# Input for this task
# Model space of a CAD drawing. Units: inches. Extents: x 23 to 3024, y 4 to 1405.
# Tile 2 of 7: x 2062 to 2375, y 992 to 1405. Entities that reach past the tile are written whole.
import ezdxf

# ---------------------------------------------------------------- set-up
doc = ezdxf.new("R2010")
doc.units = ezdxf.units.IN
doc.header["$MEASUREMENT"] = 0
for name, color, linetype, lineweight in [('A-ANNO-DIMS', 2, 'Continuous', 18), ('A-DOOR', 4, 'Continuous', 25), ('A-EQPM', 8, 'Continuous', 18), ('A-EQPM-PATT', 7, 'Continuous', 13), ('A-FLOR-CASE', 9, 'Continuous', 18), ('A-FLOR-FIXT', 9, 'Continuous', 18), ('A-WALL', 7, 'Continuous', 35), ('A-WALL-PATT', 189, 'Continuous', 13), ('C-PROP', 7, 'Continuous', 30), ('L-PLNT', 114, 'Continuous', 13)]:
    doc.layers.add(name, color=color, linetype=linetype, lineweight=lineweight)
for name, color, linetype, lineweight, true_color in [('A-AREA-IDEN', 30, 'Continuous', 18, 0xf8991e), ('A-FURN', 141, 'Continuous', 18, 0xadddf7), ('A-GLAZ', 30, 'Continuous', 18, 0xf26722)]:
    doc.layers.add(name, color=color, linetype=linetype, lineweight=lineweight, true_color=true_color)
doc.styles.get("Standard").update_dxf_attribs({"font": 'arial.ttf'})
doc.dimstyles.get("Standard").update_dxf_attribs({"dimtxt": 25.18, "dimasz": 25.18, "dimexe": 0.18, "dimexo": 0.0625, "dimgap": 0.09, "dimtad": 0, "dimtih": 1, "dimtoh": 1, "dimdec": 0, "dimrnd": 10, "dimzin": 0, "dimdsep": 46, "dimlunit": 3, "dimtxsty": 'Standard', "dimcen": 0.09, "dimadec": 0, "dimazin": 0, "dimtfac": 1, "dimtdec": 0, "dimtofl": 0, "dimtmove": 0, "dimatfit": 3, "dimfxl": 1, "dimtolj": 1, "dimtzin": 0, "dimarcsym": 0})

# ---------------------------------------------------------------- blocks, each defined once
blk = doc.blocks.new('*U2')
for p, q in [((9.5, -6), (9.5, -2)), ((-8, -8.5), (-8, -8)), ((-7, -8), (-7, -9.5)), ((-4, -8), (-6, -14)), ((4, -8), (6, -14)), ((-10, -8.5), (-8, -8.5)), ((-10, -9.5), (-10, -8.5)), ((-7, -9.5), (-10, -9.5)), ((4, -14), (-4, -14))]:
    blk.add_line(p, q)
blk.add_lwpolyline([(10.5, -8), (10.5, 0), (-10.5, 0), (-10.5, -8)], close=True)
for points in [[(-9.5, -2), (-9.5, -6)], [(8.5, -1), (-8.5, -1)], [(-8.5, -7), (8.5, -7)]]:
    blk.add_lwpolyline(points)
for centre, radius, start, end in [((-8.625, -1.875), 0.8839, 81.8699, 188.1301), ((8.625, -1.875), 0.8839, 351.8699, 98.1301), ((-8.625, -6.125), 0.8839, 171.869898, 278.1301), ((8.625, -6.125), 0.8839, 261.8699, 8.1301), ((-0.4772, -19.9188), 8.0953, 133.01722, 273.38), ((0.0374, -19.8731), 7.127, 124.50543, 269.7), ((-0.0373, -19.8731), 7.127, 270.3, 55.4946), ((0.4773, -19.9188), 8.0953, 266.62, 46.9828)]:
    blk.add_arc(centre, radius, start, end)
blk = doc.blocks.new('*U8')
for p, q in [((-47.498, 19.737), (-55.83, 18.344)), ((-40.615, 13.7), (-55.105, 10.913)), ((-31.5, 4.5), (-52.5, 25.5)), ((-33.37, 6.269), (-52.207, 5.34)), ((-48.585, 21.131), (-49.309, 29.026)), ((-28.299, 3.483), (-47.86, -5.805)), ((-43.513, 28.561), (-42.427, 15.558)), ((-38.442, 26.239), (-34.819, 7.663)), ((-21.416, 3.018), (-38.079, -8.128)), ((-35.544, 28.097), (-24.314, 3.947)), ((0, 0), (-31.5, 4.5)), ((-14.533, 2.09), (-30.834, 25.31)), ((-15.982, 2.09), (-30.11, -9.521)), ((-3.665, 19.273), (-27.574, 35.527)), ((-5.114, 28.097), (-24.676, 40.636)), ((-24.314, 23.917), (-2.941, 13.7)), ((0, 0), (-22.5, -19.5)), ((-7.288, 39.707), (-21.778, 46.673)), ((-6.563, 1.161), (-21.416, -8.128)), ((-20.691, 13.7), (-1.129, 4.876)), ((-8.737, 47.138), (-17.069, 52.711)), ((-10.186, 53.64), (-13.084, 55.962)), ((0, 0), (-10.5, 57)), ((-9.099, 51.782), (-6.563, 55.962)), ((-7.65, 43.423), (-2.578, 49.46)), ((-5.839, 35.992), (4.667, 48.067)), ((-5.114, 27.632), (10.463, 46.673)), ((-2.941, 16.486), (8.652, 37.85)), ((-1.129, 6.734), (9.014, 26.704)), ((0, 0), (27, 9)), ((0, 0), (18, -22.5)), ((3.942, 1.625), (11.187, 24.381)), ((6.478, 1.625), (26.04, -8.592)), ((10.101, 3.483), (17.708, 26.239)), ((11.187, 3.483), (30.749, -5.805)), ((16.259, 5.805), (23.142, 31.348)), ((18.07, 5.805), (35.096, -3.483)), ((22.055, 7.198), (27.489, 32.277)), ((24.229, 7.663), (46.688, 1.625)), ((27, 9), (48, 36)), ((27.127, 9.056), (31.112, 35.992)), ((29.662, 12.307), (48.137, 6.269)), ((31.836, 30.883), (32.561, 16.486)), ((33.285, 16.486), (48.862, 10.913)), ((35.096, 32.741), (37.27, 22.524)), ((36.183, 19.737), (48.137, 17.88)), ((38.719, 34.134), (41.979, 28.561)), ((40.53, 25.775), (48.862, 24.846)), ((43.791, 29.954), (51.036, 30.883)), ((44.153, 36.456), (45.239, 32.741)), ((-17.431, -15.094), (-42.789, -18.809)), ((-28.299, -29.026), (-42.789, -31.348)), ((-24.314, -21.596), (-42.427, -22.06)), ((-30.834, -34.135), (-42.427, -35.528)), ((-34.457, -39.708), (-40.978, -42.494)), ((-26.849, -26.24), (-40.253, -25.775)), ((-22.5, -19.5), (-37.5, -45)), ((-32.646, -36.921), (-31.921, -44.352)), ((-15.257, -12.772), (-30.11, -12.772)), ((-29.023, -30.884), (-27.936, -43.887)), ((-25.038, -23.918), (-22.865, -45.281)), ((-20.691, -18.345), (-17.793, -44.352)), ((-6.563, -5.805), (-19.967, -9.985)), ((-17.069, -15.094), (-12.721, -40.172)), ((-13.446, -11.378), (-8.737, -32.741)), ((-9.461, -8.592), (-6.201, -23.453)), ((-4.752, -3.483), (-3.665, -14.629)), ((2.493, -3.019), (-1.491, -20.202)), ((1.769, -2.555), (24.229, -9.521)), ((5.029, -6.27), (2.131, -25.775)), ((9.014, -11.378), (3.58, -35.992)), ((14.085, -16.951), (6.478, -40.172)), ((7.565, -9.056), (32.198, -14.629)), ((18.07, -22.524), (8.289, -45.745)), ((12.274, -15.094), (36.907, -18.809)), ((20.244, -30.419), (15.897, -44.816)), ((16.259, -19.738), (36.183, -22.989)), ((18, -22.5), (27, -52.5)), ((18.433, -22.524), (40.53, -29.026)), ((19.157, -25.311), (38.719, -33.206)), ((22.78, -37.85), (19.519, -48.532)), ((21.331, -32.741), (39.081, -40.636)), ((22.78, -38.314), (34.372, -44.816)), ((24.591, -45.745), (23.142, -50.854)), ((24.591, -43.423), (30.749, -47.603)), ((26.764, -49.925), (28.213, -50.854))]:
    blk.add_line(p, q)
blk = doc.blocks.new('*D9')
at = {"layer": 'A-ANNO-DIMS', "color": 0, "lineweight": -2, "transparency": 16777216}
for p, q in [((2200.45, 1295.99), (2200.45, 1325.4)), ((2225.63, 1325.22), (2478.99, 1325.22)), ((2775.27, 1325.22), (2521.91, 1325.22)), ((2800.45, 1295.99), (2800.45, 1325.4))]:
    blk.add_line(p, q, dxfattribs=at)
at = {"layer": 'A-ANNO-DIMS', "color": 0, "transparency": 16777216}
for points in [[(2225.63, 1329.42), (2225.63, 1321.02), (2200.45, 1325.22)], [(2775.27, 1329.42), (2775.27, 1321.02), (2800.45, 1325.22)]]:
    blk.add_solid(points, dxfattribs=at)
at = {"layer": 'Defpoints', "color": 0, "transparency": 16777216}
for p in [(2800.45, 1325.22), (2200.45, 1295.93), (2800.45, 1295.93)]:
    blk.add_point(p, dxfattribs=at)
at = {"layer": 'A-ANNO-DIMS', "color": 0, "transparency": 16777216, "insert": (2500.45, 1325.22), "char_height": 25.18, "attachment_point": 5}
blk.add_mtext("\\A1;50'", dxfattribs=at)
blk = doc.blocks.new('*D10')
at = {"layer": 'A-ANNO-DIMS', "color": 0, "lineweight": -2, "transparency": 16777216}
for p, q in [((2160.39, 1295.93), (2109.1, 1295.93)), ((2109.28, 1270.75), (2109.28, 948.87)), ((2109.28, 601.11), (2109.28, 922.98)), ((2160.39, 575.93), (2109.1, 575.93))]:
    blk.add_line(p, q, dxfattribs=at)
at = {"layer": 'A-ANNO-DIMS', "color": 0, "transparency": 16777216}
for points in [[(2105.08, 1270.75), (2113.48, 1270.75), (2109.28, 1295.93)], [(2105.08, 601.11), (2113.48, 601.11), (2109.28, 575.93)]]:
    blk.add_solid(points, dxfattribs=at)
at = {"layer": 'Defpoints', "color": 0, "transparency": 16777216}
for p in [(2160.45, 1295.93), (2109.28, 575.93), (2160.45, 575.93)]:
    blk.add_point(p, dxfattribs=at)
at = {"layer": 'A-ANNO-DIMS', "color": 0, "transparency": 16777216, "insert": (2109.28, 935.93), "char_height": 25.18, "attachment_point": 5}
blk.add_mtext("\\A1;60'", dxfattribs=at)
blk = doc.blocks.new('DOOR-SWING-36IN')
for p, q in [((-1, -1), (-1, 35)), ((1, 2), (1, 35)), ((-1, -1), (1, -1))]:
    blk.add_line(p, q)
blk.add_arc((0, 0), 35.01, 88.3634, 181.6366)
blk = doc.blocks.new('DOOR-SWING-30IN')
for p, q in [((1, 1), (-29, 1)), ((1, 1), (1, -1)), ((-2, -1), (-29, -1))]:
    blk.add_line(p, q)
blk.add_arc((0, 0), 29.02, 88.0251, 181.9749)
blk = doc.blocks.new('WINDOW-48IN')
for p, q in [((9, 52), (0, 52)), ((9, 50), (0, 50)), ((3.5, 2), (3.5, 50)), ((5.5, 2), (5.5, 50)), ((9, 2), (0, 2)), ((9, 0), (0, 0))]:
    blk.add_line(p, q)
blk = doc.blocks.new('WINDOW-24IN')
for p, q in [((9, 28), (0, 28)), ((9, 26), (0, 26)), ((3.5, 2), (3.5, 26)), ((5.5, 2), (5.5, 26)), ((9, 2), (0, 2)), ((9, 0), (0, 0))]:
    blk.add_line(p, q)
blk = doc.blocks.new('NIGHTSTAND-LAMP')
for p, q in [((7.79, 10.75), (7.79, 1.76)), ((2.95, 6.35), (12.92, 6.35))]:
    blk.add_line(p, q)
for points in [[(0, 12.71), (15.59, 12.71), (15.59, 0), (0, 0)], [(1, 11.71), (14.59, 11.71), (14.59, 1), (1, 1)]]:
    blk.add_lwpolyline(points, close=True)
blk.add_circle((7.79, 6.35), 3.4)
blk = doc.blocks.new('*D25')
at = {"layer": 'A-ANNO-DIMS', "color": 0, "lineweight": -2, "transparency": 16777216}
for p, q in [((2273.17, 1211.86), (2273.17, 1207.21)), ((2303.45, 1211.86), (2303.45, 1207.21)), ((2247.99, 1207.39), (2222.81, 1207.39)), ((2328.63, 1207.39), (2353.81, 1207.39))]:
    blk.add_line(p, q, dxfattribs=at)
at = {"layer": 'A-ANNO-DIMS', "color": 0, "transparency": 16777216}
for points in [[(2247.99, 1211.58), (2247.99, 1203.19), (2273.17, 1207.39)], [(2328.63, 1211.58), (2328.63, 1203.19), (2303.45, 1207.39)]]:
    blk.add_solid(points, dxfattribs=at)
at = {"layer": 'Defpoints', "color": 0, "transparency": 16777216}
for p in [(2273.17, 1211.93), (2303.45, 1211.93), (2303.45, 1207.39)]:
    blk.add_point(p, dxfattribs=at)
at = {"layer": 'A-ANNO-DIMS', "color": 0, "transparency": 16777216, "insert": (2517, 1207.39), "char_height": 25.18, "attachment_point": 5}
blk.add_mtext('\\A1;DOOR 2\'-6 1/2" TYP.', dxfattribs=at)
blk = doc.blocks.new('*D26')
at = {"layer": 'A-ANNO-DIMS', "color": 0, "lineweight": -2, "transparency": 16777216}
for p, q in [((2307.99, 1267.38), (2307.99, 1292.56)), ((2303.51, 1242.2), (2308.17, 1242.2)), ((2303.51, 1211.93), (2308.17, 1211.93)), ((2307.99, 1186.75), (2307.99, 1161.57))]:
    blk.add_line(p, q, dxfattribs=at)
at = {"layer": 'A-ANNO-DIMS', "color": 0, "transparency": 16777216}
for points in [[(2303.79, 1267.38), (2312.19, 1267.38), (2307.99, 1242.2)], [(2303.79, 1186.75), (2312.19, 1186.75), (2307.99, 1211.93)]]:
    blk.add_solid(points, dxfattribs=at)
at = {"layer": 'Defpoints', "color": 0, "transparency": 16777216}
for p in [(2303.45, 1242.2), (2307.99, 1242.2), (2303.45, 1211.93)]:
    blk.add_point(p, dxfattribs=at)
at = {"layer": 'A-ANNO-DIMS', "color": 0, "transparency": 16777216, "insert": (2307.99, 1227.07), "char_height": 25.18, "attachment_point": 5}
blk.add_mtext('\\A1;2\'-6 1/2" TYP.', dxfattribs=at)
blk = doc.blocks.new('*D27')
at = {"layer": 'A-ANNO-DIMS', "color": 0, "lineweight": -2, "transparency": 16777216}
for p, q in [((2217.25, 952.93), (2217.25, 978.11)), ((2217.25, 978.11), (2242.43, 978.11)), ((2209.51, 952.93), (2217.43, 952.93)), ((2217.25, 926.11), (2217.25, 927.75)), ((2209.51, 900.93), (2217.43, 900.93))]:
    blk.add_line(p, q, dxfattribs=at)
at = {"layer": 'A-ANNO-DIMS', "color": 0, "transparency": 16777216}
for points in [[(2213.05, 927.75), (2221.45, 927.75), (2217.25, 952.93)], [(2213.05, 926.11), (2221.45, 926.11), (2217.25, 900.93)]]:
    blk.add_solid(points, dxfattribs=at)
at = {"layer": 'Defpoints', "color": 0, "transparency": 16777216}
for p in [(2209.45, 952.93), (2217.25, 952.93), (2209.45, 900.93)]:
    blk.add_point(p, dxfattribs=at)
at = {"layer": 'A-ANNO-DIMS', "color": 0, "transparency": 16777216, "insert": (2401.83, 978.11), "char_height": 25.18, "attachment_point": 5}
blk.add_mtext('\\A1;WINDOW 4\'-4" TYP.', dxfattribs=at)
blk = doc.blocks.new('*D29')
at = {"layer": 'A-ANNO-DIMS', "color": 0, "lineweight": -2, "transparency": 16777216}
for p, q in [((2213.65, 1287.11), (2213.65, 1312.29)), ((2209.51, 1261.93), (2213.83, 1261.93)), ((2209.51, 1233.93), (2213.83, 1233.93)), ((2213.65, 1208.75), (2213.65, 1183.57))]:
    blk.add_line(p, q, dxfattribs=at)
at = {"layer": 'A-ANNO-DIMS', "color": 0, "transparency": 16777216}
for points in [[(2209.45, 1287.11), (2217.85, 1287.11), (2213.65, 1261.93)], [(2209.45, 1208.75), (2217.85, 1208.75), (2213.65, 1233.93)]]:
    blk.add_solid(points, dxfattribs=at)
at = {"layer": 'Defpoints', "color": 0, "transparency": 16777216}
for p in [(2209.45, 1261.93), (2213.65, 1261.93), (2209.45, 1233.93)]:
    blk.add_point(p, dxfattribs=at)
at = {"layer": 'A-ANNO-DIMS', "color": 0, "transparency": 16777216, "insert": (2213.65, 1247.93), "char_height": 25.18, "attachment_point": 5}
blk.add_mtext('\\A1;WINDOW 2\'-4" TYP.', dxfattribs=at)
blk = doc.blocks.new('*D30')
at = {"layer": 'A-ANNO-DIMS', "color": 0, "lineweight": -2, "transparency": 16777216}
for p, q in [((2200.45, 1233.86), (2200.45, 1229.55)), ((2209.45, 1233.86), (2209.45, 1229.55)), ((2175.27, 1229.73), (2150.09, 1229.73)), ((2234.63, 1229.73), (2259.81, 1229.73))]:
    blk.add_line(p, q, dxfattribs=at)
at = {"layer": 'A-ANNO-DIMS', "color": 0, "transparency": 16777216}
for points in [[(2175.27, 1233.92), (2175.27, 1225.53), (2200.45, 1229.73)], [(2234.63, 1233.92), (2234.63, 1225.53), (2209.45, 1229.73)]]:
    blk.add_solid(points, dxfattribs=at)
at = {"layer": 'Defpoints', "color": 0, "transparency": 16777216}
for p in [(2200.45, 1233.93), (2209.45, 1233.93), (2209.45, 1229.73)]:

# About this exercise
Only lines holding the word "SWING" are wanted here; copy each from the listing.

# Answer for this exercise
blk = doc.blocks.new('DOOR-SWING-36IN')
blk = doc.blocks.new('DOOR-SWING-30IN')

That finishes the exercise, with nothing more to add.